Extracted records >>
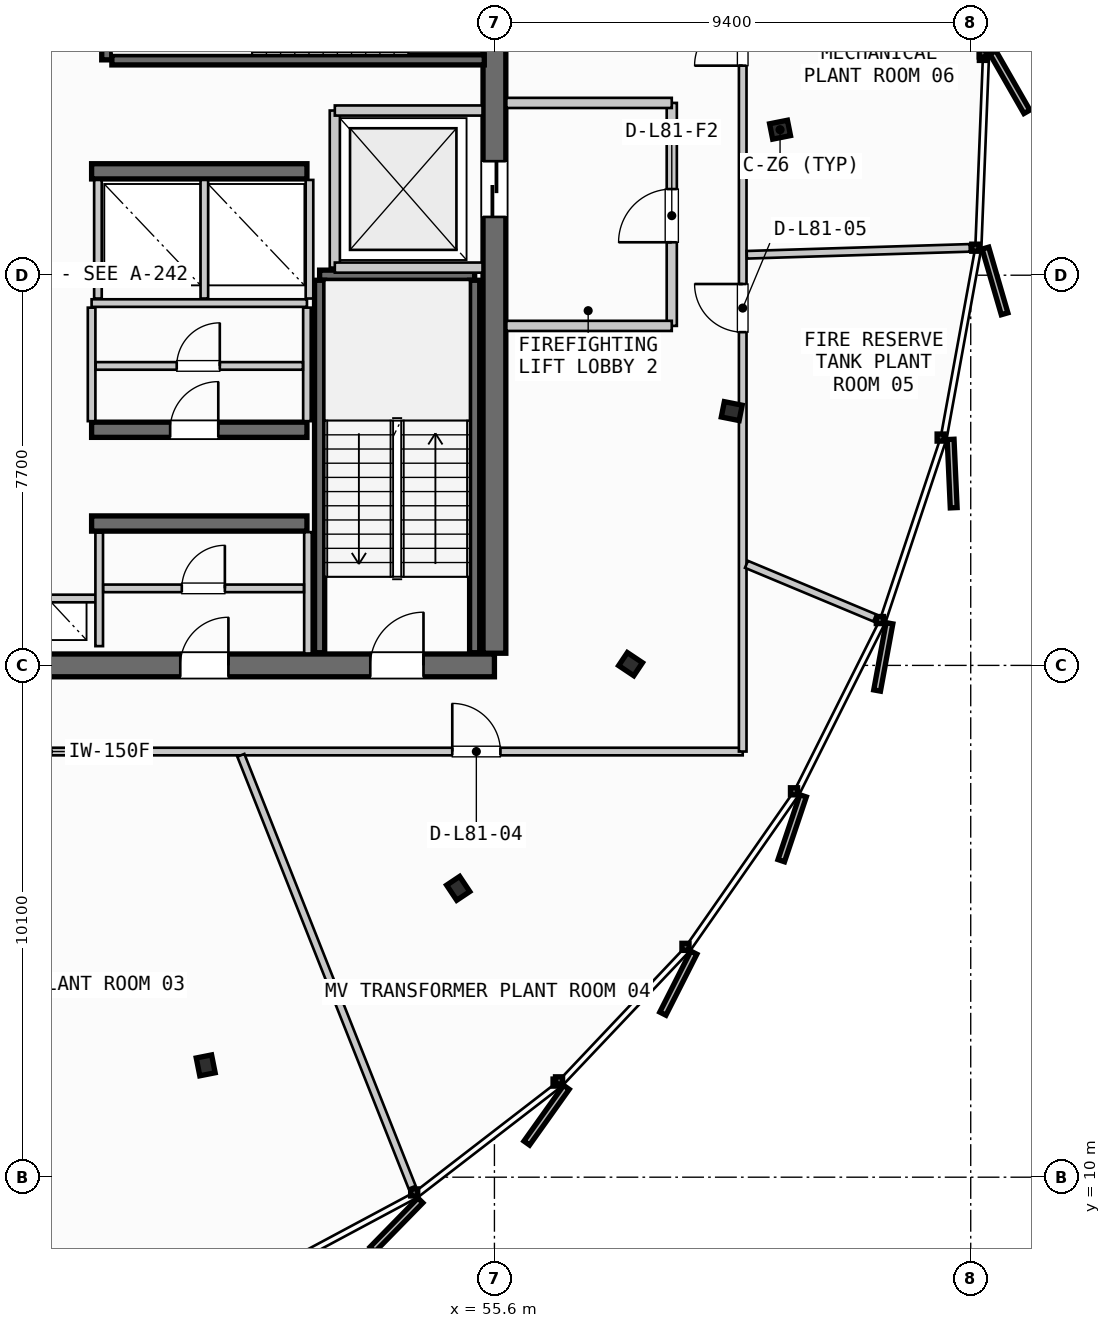
"""IFC4 building model, lengths in metres.
Left out: names, types, materials, properties, quantities, classifications, styles, units other than length and angle.
Written with IfcOpenShell. Run it as: python <this file> out.ifc"""

import sys

from ifc_helpers import new_model, si_unit, direction, frame, frame_2d, origin, origin_2d, place, context, subcontext, project, spatial, rectangle, i_section, extrude, source, transform, mapped, element, fill, save


model = new_model("IFC4")
c1 = context("Model", 3, precision=1e-05, world=origin(), true_north=direction((0.0, 1.0)))
c2 = subcontext(c1, "Body", "Model", "MODEL_VIEW")
j1 = project(units=[si_unit("LENGTHUNIT", "METRE"), si_unit("PLANEANGLEUNIT", "RADIAN")], contexts=[c1])
p1 = place(None, origin())
s1 = spatial("IfcSite", under=j1, at=p1, CompositionType="ELEMENT")
p2 = place(p1, origin())
s2 = spatial("IfcBuilding", under=s1, at=p2, CompositionType="ELEMENT")
p3 = place(p2, frame((0.0, 0.0, 304.3)))
s3 = spatial("IfcBuildingStorey", under=s2, at=p3, CompositionType="ELEMENT", Elevation=304.3)
p4 = place(p3, frame((38.0, 20.1, 0.0), z_axis=(0.0, 0.0, 1.0), x_axis=(1.0, 0.0, 0.0)))
e1 = element("IfcWall", 1, at=p4, inside=s3, PredefinedType="SHEAR", context=c2, shape_type="SweptSolid", body=[
    extrude(rectangle(XDim=17.6, YDim=0.45, at=frame_2d((8.8, 0.0))), origin(), (0.0, 0.0, 1.0), 3.735),
])
p5 = place(p4, frame((1.4, 0.0, 0.0)))
e2 = element("IfcOpeningElement", 2, at=p5, cuts=e1, PredefinedType="OPENING", context=c2, shape_type="SweptSolid", body=[
    extrude(rectangle(XDim=1.05, YDim=2.15, at=frame_2d((0.525, 1.075))), frame((0.0, 0.235, 0.0), z_axis=(0.0, -1.0, 0.0), x_axis=(1.0, 0.0, 0.0)), (0.0, 0.0, 1.0), 0.47),
])
p6 = place(p4, frame((15.15, 0.0, 0.0)))
e3 = element("IfcOpeningElement", 3, at=p6, cuts=e1, PredefinedType="OPENING", context=c2, shape_type="SweptSolid", body=[
    extrude(rectangle(XDim=1.05, YDim=2.15, at=frame_2d((0.525, 1.075))), frame((0.0, 0.235, 0.0), z_axis=(0.0, -1.0, 0.0), x_axis=(1.0, 0.0, 0.0)), (0.0, 0.0, 1.0), 0.47),
])
p7 = place(p4, frame((5.25, 0.0, 0.0)))
e4 = element("IfcOpeningElement", 4, at=p7, cuts=e1, PredefinedType="OPENING", context=c2, shape_type="SweptSolid", body=[
    extrude(rectangle(XDim=0.9, YDim=2.15, at=frame_2d((0.45, 1.075))), frame((0.0, 0.235, 0.0), z_axis=(0.0, -1.0, 0.0), x_axis=(1.0, 0.0, 0.0)), (0.0, 0.0, 1.0), 0.47),
])
p8 = place(p4, frame((11.4, 0.0, 0.0)))
e5 = element("IfcOpeningElement", 5, at=p8, cuts=e1, PredefinedType="OPENING", context=c2, shape_type="SweptSolid", body=[
    extrude(rectangle(XDim=0.95, YDim=2.15, at=frame_2d((0.475, 1.075))), frame((0.0, 0.235, 0.0), z_axis=(0.0, -1.0, 0.0), x_axis=(1.0, 0.0, 0.0)), (0.0, 0.0, 1.0), 0.47),
])
p9 = place(p3, frame((55.6, 20.34, 0.0), z_axis=(0.0, 0.0, 1.0), x_axis=(0.0, 1.0, 0.0)))
e6 = element("IfcWall", 6, at=p9, inside=s3, PredefinedType="SHEAR", context=c2, shape_type="SweptSolid", body=[
    extrude(rectangle(XDim=14.92, YDim=0.45, at=frame_2d((7.46, 0.0))), origin(), (0.0, 0.0, 1.0), 3.735),
])
p10 = place(p9, frame((12.71, 0.0, 0.0)))
e7 = element("IfcOpeningElement", 7, at=p10, cuts=e6, PredefinedType="OPENING", context=c2, shape_type="SweptSolid", body=[
    extrude(rectangle(XDim=1.05, YDim=2.15, at=frame_2d((0.525, 1.075))), frame((0.0, 0.235, 0.0), z_axis=(0.0, -1.0, 0.0), x_axis=(1.0, 0.0, 0.0)), (0.0, 0.0, 1.0), 0.47),
])
p11 = place(p9, frame((8.61, 0.0, 0.0)))
e8 = element("IfcOpeningElement", 8, at=p11, cuts=e6, PredefinedType="OPENING", context=c2, shape_type="SweptSolid", body=[
    extrude(rectangle(XDim=1.1, YDim=2.2, at=frame_2d((0.55, 1.1))), frame((0.0, 0.235, 0.0), z_axis=(0.0, -1.0, 0.0), x_axis=(1.0, 0.0, 0.0)), (0.0, 0.0, 1.0), 0.47),
])
p12 = place(p3, frame((47.65, 22.9, 0.0), z_axis=(0.0, 0.0, 1.0), x_axis=(1.0, 0.0, 0.0)))
e9 = element("IfcWall", 9, at=p12, inside=s3, PredefinedType="SHEAR", context=c2, shape_type="SweptSolid", body=[
    extrude(rectangle(XDim=4.25, YDim=0.3, at=frame_2d((2.125, 0.0))), origin(), (0.0, 0.0, 1.0), 3.735),
])
p13 = place(p3, frame((47.65, 24.75, 0.0), z_axis=(0.0, 0.0, 1.0), x_axis=(1.0, 0.0, 0.0)))
e10 = element("IfcWall", 10, at=p13, inside=s3, PredefinedType="SHEAR", context=c2, shape_type="SweptSolid", body=[
    extrude(rectangle(XDim=4.25, YDim=0.3, at=frame_2d((2.125, 0.0))), origin(), (0.0, 0.0, 1.0), 3.735),
])
p14 = place(p13, frame((1.55, 0.0, 0.0)))
e11 = element("IfcOpeningElement", 11, at=p14, cuts=e10, PredefinedType="OPENING", context=c2, shape_type="SweptSolid", body=[
    extrude(rectangle(XDim=0.95, YDim=2.15, at=frame_2d((0.475, 1.075))), frame((0.0, 0.16, 0.0), z_axis=(0.0, -1.0, 0.0), x_axis=(1.0, 0.0, 0.0)), (0.0, 0.0, 1.0), 0.32),
])
p15 = place(p3, frame((47.65, 29.85, 0.0), z_axis=(0.0, 0.0, 1.0), x_axis=(1.0, 0.0, 0.0)))
e12 = element("IfcWall", 12, at=p15, inside=s3, PredefinedType="SHEAR", context=c2, shape_type="SweptSolid", body=[
    extrude(rectangle(XDim=4.25, YDim=0.3, at=frame_2d((2.125, 0.0))), origin(), (0.0, 0.0, 1.0), 3.735),
])
m1 = source(origin(), c2, "Body", "SweptSolid", [
    extrude(i_section(OverallWidth=0.309, OverallDepth=0.359, WebThickness=0.016, FlangeThickness=0.026, FilletRadius=0.027, at=origin_2d()), origin(), (0.0, 0.0, 1.0), 3.735),
])
for number, where, z_axis, x_axis in (
    (13, (61.237, 30.672, 0.0), (0.0, 0.0, 1.0), (0.981, 0.195, 0.0)),
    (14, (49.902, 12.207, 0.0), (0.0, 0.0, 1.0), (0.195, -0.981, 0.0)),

What to work on >> Your task is to reproduce the entries above word for word, from the first line through the line with "p1 = place(None, origin())", and please leave out any pictures.

Final answer >>
"""IFC4 building model, lengths in metres.
Left out: names, types, materials, properties, quantities, classifications, styles, units other than length and angle.
Written with IfcOpenShell. Run it as: python <this file> out.ifc"""

import sys

from ifc_helpers import new_model, si_unit, direction, frame, frame_2d, origin, origin_2d, place, context, subcontext, project, spatial, rectangle, i_section, extrude, source, transform, mapped, element, fill, save


model = new_model("IFC4")
c1 = context("Model", 3, precision=1e-05, world=origin(), true_north=direction((0.0, 1.0)))
c2 = subcontext(c1, "Body", "Model", "MODEL_VIEW")
j1 = project(units=[si_unit("LENGTHUNIT", "METRE"), si_unit("PLANEANGLEUNIT", "RADIAN")], contexts=[c1])
p1 = place(None, origin())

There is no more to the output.